__WORK TO COMPLETE__:
Go through the entries below and report how many lines contain the string "origin". Nothing but the number is wanted.

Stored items

————————

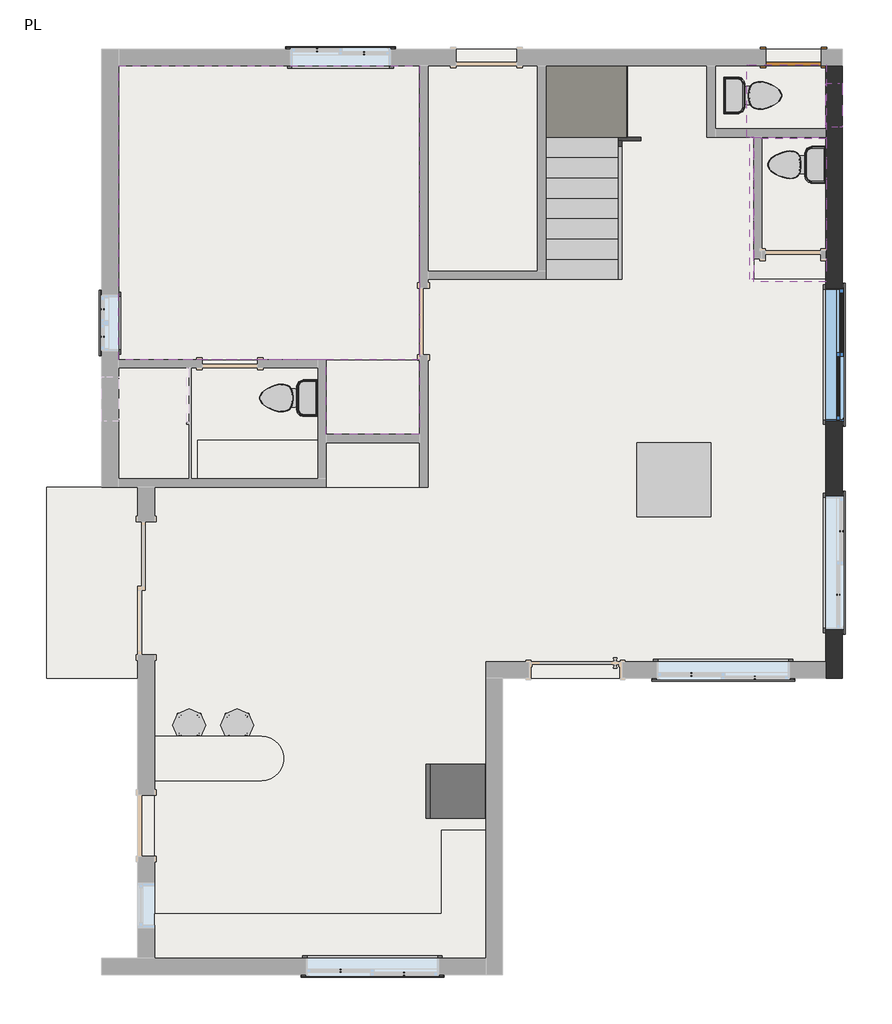
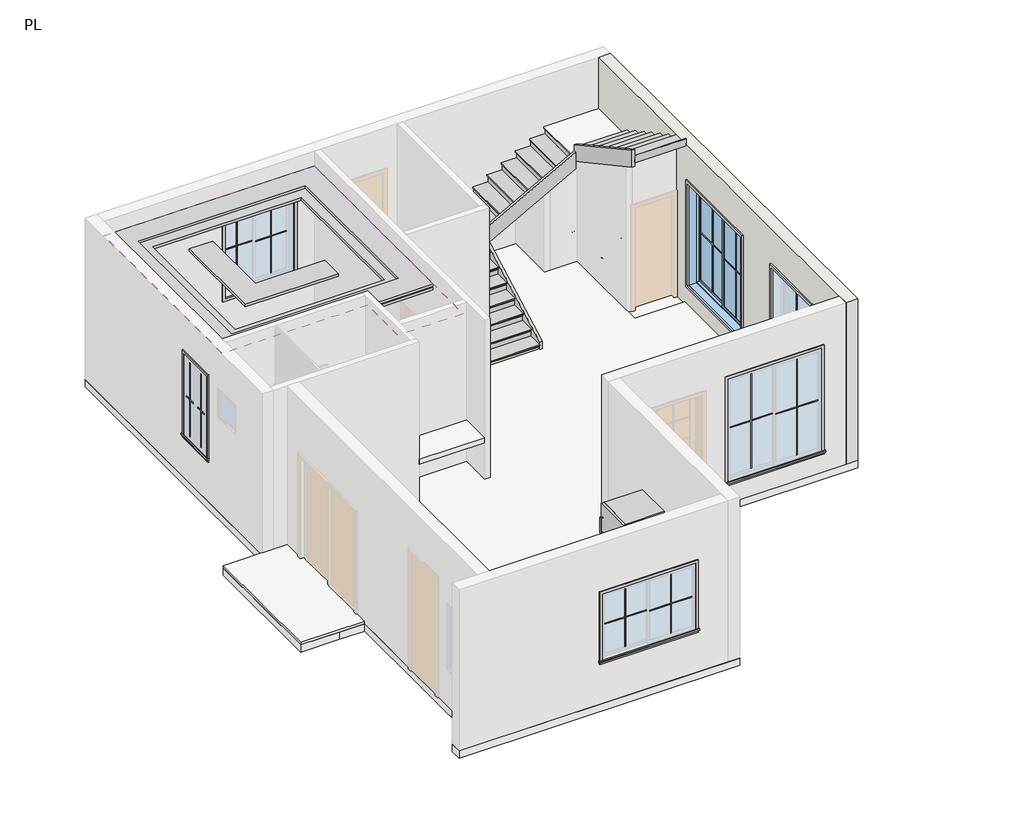
# One storey, part 2 of 2: 26 proxies, 6 slabs, 3 flow terminals, 3 furniture elements, 3 members, 3 stair flights, 2 windows, 1 covering, 2 other elements.
"""IFC4 building model written with IfcOpenShell, lengths in millimetres."""

from ifc_helpers import new_model, si_unit, point, frame, frame_2d, origin, origin_with_axes, place, context, project, spatial, polyline, circle_curve, trimmed, segment, composite_curve, outline, extrude, faceted_brep, transform, mapped, element, save
from components import proxy_1d9d56c6, generic_models_3_generic_models_3_e47a0867, muntin_pattern_2x2_muntin_pattern_2x2_bf2b9acc, muntin_pattern_2x2_muntin_pattern_2x2_111b6719, muntin_pattern_2x2_muntin_pattern_2x2_1c12c043, muntin_pattern_2x2_muntin_pattern_2x2_88561ff7, muntin_pattern_2x2_muntin_pattern_2x2_4a783bbe, trim_window_exterior_flat_with_sill_384ab7b4, trim_window_exterior_flat_with_sill_f3cea81b, trim_window_exterior_flat_with_sill_8633aa7b, trim_window_exterior_flat_with_sill_3212bfb3, trim_window_interior_flat_picture_frame_e62f86b4, trim_window_interior_flat_picture_frame_717249e1, trim_window_interior_flat_picture_frame_129e3d92, trim_window_interior_flat_picture_frame_f1d52788, door_5e1232af, toilet_domestic_3d_toilet_domestic_3d_ba6479b0, toilet_domestic_3d_toilet_domestic_3d_30431060, furniture_d95c0d1d, furniture_7b9c1204, non_monolithic_landing_3e227109, non_monolithic_landing_135483eb, stair_flight_79429955, stair_flight_d80cec9a, stair_flight_d83de971, window_80340324, window_sliding_double_6_x7_726fea71

model = new_model("IFC4")

# Units and contexts
model_context = context("Model", 3, world=origin())
ifc_project = project(units=[si_unit("LENGTHUNIT", "METRE", prefix="MILLI")], contexts=[model_context])

# Site, building, storey
site = spatial("IfcSite", under=ifc_project)
building = spatial("IfcBuilding", under=site)
storey = spatial("IfcBuildingStorey", under=building, Name="PL", Elevation=0.0)

# Proxies
placement = place(None, origin())
proxy_shape = proxy_1d9d56c6(model_context)
element("IfcBuildingElementProxy", 1, Name="Freezer-Upright : 30\" x 32\" RH", ObjectType="Freezer-Upright : 30\" x 32\" RH", at=placement, inside=storey, context=model_context, shape_type="MappedRepresentation", body=[
    mapped(proxy_shape, transform((-9045.414349, 2199.6106602, 50.8), x_axis=(0.0, 1.0, 0.0), y_axis=(-1.0, 0.0, 0.0), z_axis=(0.0, 0.0, 1.0))),
])
generic_models_3_generic_models_3_shape = generic_models_3_generic_models_3_e47a0867(model_context)
element("IfcBuildingElementProxy", 2, Name="Generic Models 3 : Generic Models 3", ObjectType="Generic Models 3 : Generic Models 3", at=placement, inside=storey, context=model_context, shape_type="MappedRepresentation", body=[
    mapped(generic_models_3_generic_models_3_shape, transform((0.0, 0.0, 0.0), x_axis=(1.0, 0.0, 0.0), y_axis=(0.0, 1.0, 0.0), z_axis=(0.0, 0.0, 1.0))),
])
muntin_pattern_2x2_muntin_pattern_2x2_shape = muntin_pattern_2x2_muntin_pattern_2x2_bf2b9acc(model_context)
element("IfcBuildingElementProxy", 3, Name="Muntin Pattern_2x2 : Muntin Pattern_2x2", ObjectType="Muntin Pattern_2x2 : Muntin Pattern_2x2", at=placement, inside=storey, context=model_context, shape_type="MappedRepresentation", body=[
    mapped(muntin_pattern_2x2_muntin_pattern_2x2_shape, transform((-3792.8752526, 4904.2502283, 539.75), x_axis=(0.0, -1.0, 0.0), y_axis=(1.0, 0.0, 0.0), z_axis=(0.0, 0.0, 1.0))),
])
element("IfcBuildingElementProxy", 4, Name="Muntin Pattern_2x2 : Muntin Pattern_2x2", ObjectType="Muntin Pattern_2x2 : Muntin Pattern_2x2", at=placement, inside=storey, context=model_context, shape_type="MappedRepresentation", body=[
    mapped(muntin_pattern_2x2_muntin_pattern_2x2_shape, transform((-3748.4252526, 5777.3752283, 539.75), x_axis=(0.0, -1.0, 0.0), y_axis=(1.0, 0.0, 0.0), z_axis=(0.0, 0.0, 1.0))),
])
element("IfcBuildingElementProxy", 5, Name="Muntin Pattern_2x2 : Muntin Pattern_2x2", ObjectType="Muntin Pattern_2x2 : Muntin Pattern_2x2", at=placement, inside=storey, context=model_context, shape_type="MappedRepresentation", body=[
    mapped(muntin_pattern_2x2_muntin_pattern_2x2_shape, transform((-3792.8752526, 7768.1003362, 539.75), x_axis=(0.0, -1.0, 0.0), y_axis=(1.0, 0.0, 0.0), z_axis=(0.0, 0.0, 1.0))),
])
element("IfcBuildingElementProxy", 6, Name="Muntin Pattern_2x2 : Muntin Pattern_2x2", ObjectType="Muntin Pattern_2x2 : Muntin Pattern_2x2", at=placement, inside=storey, context=model_context, shape_type="MappedRepresentation", body=[
    mapped(muntin_pattern_2x2_muntin_pattern_2x2_shape, transform((-3748.4252526, 8641.2253362, 539.75), x_axis=(0.0, -1.0, 0.0), y_axis=(1.0, 0.0, 0.0), z_axis=(0.0, 0.0, 1.0))),
])
element("IfcBuildingElementProxy", 7, Name="Muntin Pattern_2x2 : Muntin Pattern_2x2", ObjectType="Muntin Pattern_2x2 : Muntin Pattern_2x2", at=placement, inside=storey, context=model_context, shape_type="MappedRepresentation", body=[
    mapped(muntin_pattern_2x2_muntin_pattern_2x2_shape, transform((-5813.7627526, 3807.2877283, 539.75), x_axis=(-1.0, 0.0, 0.0), y_axis=(0.0, -1.0, 0.0), z_axis=(0.0, 0.0, 1.0))),
])
element("IfcBuildingElementProxy", 8, Name="Muntin Pattern_2x2 : Muntin Pattern_2x2", ObjectType="Muntin Pattern_2x2 : Muntin Pattern_2x2", at=placement, inside=storey, context=model_context, shape_type="MappedRepresentation", body=[
    mapped(muntin_pattern_2x2_muntin_pattern_2x2_shape, transform((-4940.6377526, 3762.8377283, 539.75), x_axis=(-1.0, 0.0, 0.0), y_axis=(0.0, -1.0, 0.0), z_axis=(0.0, 0.0, 1.0))),
])
muntin_pattern_2x2_muntin_pattern_2x2_2_shape = muntin_pattern_2x2_muntin_pattern_2x2_111b6719(model_context)
element("IfcBuildingElementProxy", 9, Name="Muntin Pattern_2x2 : Muntin Pattern_2x2", ObjectType="Muntin Pattern_2x2 : Muntin Pattern_2x2", at=placement, inside=storey, context=model_context, shape_type="MappedRepresentation", body=[
    mapped(muntin_pattern_2x2_muntin_pattern_2x2_2_shape, transform((-10319.0877526, 12348.0378362, 996.95), x_axis=(1.0, 0.0, 0.0), y_axis=(0.0, 1.0, 0.0), z_axis=(0.0, 0.0, 1.0))),
])
element("IfcBuildingElementProxy", 10, Name="Muntin Pattern_2x2 : Muntin Pattern_2x2", ObjectType="Muntin Pattern_2x2 : Muntin Pattern_2x2", at=placement, inside=storey, context=model_context, shape_type="MappedRepresentation", body=[
    mapped(muntin_pattern_2x2_muntin_pattern_2x2_2_shape, transform((-10963.6127526, 12392.4878362, 996.95), x_axis=(1.0, 0.0, 0.0), y_axis=(0.0, 1.0, 0.0), z_axis=(0.0, 0.0, 1.0))),
])
muntin_pattern_2x2_muntin_pattern_2x2_3_shape = muntin_pattern_2x2_muntin_pattern_2x2_1c12c043(model_context)
element("IfcBuildingElementProxy", 11, Name="Muntin Pattern_2x2 : Muntin Pattern_2x2", ObjectType="Muntin Pattern_2x2 : Muntin Pattern_2x2", at=placement, inside=storey, context=model_context, shape_type="MappedRepresentation", body=[
    mapped(muntin_pattern_2x2_muntin_pattern_2x2_3_shape, transform((-13914.7752526, 8447.5503362, 984.25), x_axis=(0.0, 1.0, 0.0), y_axis=(-1.0, 0.0, 0.0), z_axis=(0.0, 0.0, 1.0))),
])
muntin_pattern_2x2_muntin_pattern_2x2_4_shape = muntin_pattern_2x2_muntin_pattern_2x2_88561ff7(model_context)
element("IfcBuildingElementProxy", 12, Name="Muntin Pattern_2x2 : Muntin Pattern_2x2", ObjectType="Muntin Pattern_2x2 : Muntin Pattern_2x2", at=placement, inside=storey, context=model_context, shape_type="MappedRepresentation", body=[
    mapped(muntin_pattern_2x2_muntin_pattern_2x2_4_shape, transform((-13914.7752526, 8825.3753362, 984.25), x_axis=(0.0, -1.0, 0.0), y_axis=(1.0, 0.0, 0.0), z_axis=(0.0, 0.0, 1.0))),
])
muntin_pattern_2x2_muntin_pattern_2x2_5_shape = muntin_pattern_2x2_muntin_pattern_2x2_4a783bbe(model_context)
element("IfcBuildingElementProxy", 13, Name="Muntin Pattern_2x2 : Muntin Pattern_2x2", ObjectType="Muntin Pattern_2x2 : Muntin Pattern_2x2", at=placement, inside=storey, context=model_context, shape_type="MappedRepresentation", body=[
    mapped(muntin_pattern_2x2_muntin_pattern_2x2_5_shape, transform((-10639.7627526, -267.0309138, 996.95), x_axis=(-1.0, 0.0, 0.0), y_axis=(0.0, -1.0, 0.0), z_axis=(0.0, 0.0, 1.0))),
])
element("IfcBuildingElementProxy", 14, Name="Muntin Pattern_2x2 : Muntin Pattern_2x2", ObjectType="Muntin Pattern_2x2 : Muntin Pattern_2x2", at=placement, inside=storey, context=model_context, shape_type="MappedRepresentation", body=[
    mapped(muntin_pattern_2x2_muntin_pattern_2x2_5_shape, transform((-9766.6377526, -311.4809138, 996.95), x_axis=(-1.0, 0.0, 0.0), y_axis=(0.0, -1.0, 0.0), z_axis=(0.0, 0.0, 1.0))),
])
trim_window_exterior_flat_with_sill_shape = trim_window_exterior_flat_with_sill_384ab7b4(model_context)
element("IfcBuildingElementProxy", 15, Name="Trim-Window-Exterior-Flat : with Sill", ObjectType="Trim-Window-Exterior-Flat : with Sill", at=placement, inside=storey, context=model_context, shape_type="MappedRepresentation", body=[
    mapped(trim_window_exterior_flat_with_sill_shape, transform((-3738.9002526, 5340.8127283, 2590.8), x_axis=(0.0, 1.0, 0.0), y_axis=(0.0, 0.0, 1.0), z_axis=(1.0, 0.0, 0.0))),
])
element("IfcBuildingElementProxy", 16, Name="Trim-Window-Exterior-Flat : with Sill", ObjectType="Trim-Window-Exterior-Flat : with Sill", at=placement, inside=storey, context=model_context, shape_type="MappedRepresentation", body=[
    mapped(trim_window_exterior_flat_with_sill_shape, transform((-3738.9002526, 8204.6628362, 2590.8), x_axis=(0.0, 1.0, 0.0), y_axis=(0.0, 0.0, 1.0), z_axis=(1.0, 0.0, 0.0))),
])
element("IfcBuildingElementProxy", 17, Name="Trim-Window-Exterior-Flat : with Sill", ObjectType="Trim-Window-Exterior-Flat : with Sill", at=placement, inside=storey, context=model_context, shape_type="MappedRepresentation", body=[
    mapped(trim_window_exterior_flat_with_sill_shape, transform((-5377.2002526, 3753.3127283, 2590.8), x_axis=(1.0, 0.0, 0.0), y_axis=(0.0, 0.0, 1.0), z_axis=(0.0, -1.0, 0.0))),
])
trim_window_exterior_flat_with_sill_2_shape = trim_window_exterior_flat_with_sill_f3cea81b(model_context)
element("IfcBuildingElementProxy", 18, Name="Trim-Window-Exterior-Flat : with Sill", ObjectType="Trim-Window-Exterior-Flat : with Sill", at=placement, inside=storey, context=model_context, shape_type="MappedRepresentation", body=[
    mapped(trim_window_exterior_flat_with_sill_2_shape, transform((-10641.3502526, 12402.0128362, 2590.8), x_axis=(-1.0, 0.0, 0.0), y_axis=(0.0, 0.0, 1.0), z_axis=(0.0, 1.0, 0.0))),
])
trim_window_exterior_flat_with_sill_3_shape = trim_window_exterior_flat_with_sill_8633aa7b(model_context)
element("IfcBuildingElementProxy", 19, Name="Trim-Window-Exterior-Flat : with Sill", ObjectType="Trim-Window-Exterior-Flat : with Sill", at=placement, inside=storey, context=model_context, shape_type="MappedRepresentation", body=[
    mapped(trim_window_exterior_flat_with_sill_3_shape, transform((-13924.3002526, 8636.4628362, 2590.8), x_axis=(0.0, -1.0, 0.0), y_axis=(0.0, 0.0, 1.0), z_axis=(-1.0, 0.0, 0.0))),
])
trim_window_exterior_flat_with_sill_4_shape = trim_window_exterior_flat_with_sill_3212bfb3(model_context)
element("IfcBuildingElementProxy", 20, Name="Trim-Window-Exterior-Flat : with Sill", ObjectType="Trim-Window-Exterior-Flat : with Sill", at=placement, inside=storey, context=model_context, shape_type="MappedRepresentation", body=[
    mapped(trim_window_exterior_flat_with_sill_4_shape, transform((-10203.2002526, -321.0059138, 2286.0), x_axis=(1.0, 0.0, 0.0), y_axis=(0.0, 0.0, 1.0), z_axis=(0.0, -1.0, 0.0))),
])
trim_window_interior_flat_picture_frame_shape = trim_window_interior_flat_picture_frame_e62f86b4(model_context)
element("IfcBuildingElementProxy", 21, Name="Trim-Window-Interior-Flat : Picture Frame", ObjectType="Trim-Window-Interior-Flat : Picture Frame", at=placement, inside=storey, context=model_context, shape_type="MappedRepresentation", body=[
    mapped(trim_window_interior_flat_picture_frame_shape, transform((-3967.5002526, 5340.8127283, 2590.8), x_axis=(0.0, -1.0, 0.0), y_axis=(0.0, 0.0, 1.0), z_axis=(-1.0, 0.0, 0.0))),
])
element("IfcBuildingElementProxy", 22, Name="Trim-Window-Interior-Flat : Picture Frame", ObjectType="Trim-Window-Interior-Flat : Picture Frame", at=placement, inside=storey, context=model_context, shape_type="MappedRepresentation", body=[
    mapped(trim_window_interior_flat_picture_frame_shape, transform((-3967.5002526, 8204.6628362, 2590.8), x_axis=(0.0, -1.0, 0.0), y_axis=(0.0, 0.0, 1.0), z_axis=(-1.0, 0.0, 0.0))),
])
element("IfcBuildingElementProxy", 23, Name="Trim-Window-Interior-Flat : Picture Frame", ObjectType="Trim-Window-Interior-Flat : Picture Frame", at=placement, inside=storey, context=model_context, shape_type="MappedRepresentation", body=[
    mapped(trim_window_interior_flat_picture_frame_shape, transform((-5377.2002526, 3981.9127283, 2590.8), x_axis=(-1.0, 0.0, 0.0), y_axis=(0.0, 0.0, 1.0), z_axis=(0.0, 1.0, 0.0))),
])
trim_window_interior_flat_picture_frame_2_shape = trim_window_interior_flat_picture_frame_717249e1(model_context)
element("IfcBuildingElementProxy", 24, Name="Trim-Window-Interior-Flat : Picture Frame", ObjectType="Trim-Window-Interior-Flat : Picture Frame", at=placement, inside=storey, context=model_context, shape_type="MappedRepresentation", body=[
    mapped(trim_window_interior_flat_picture_frame_2_shape, transform((-10641.3502526, 12173.4128362, 2590.8), x_axis=(1.0, 0.0, 0.0), y_axis=(0.0, 0.0, 1.0), z_axis=(0.0, -1.0, 0.0))),
])
trim_window_interior_flat_picture_frame_3_shape = trim_window_interior_flat_picture_frame_129e3d92(model_context)
element("IfcBuildingElementProxy", 25, Name="Trim-Window-Interior-Flat : Picture Frame", ObjectType="Trim-Window-Interior-Flat : Picture Frame", at=placement, inside=storey, context=model_context, shape_type="MappedRepresentation", body=[
    mapped(trim_window_interior_flat_picture_frame_3_shape, transform((-13695.7002526, 8636.4628362, 2590.8), x_axis=(0.0, 1.0, 0.0), y_axis=(0.0, 0.0, 1.0), z_axis=(1.0, 0.0, 0.0))),
])
trim_window_interior_flat_picture_frame_4_shape = trim_window_interior_flat_picture_frame_f1d52788(model_context)
element("IfcBuildingElementProxy", 26, Name="Trim-Window-Interior-Flat : Picture Frame", ObjectType="Trim-Window-Interior-Flat : Picture Frame", at=placement, inside=storey, context=model_context, shape_type="MappedRepresentation", body=[
    mapped(trim_window_interior_flat_picture_frame_4_shape, transform((-10203.2002526, -92.4059138, 2286.0), x_axis=(-1.0, 0.0, 0.0), y_axis=(0.0, 0.0, 1.0), z_axis=(0.0, 1.0, 0.0))),
])

# Covering
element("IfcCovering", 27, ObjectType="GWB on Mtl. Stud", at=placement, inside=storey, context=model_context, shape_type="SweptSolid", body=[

————————

__TASK RESULT__:
3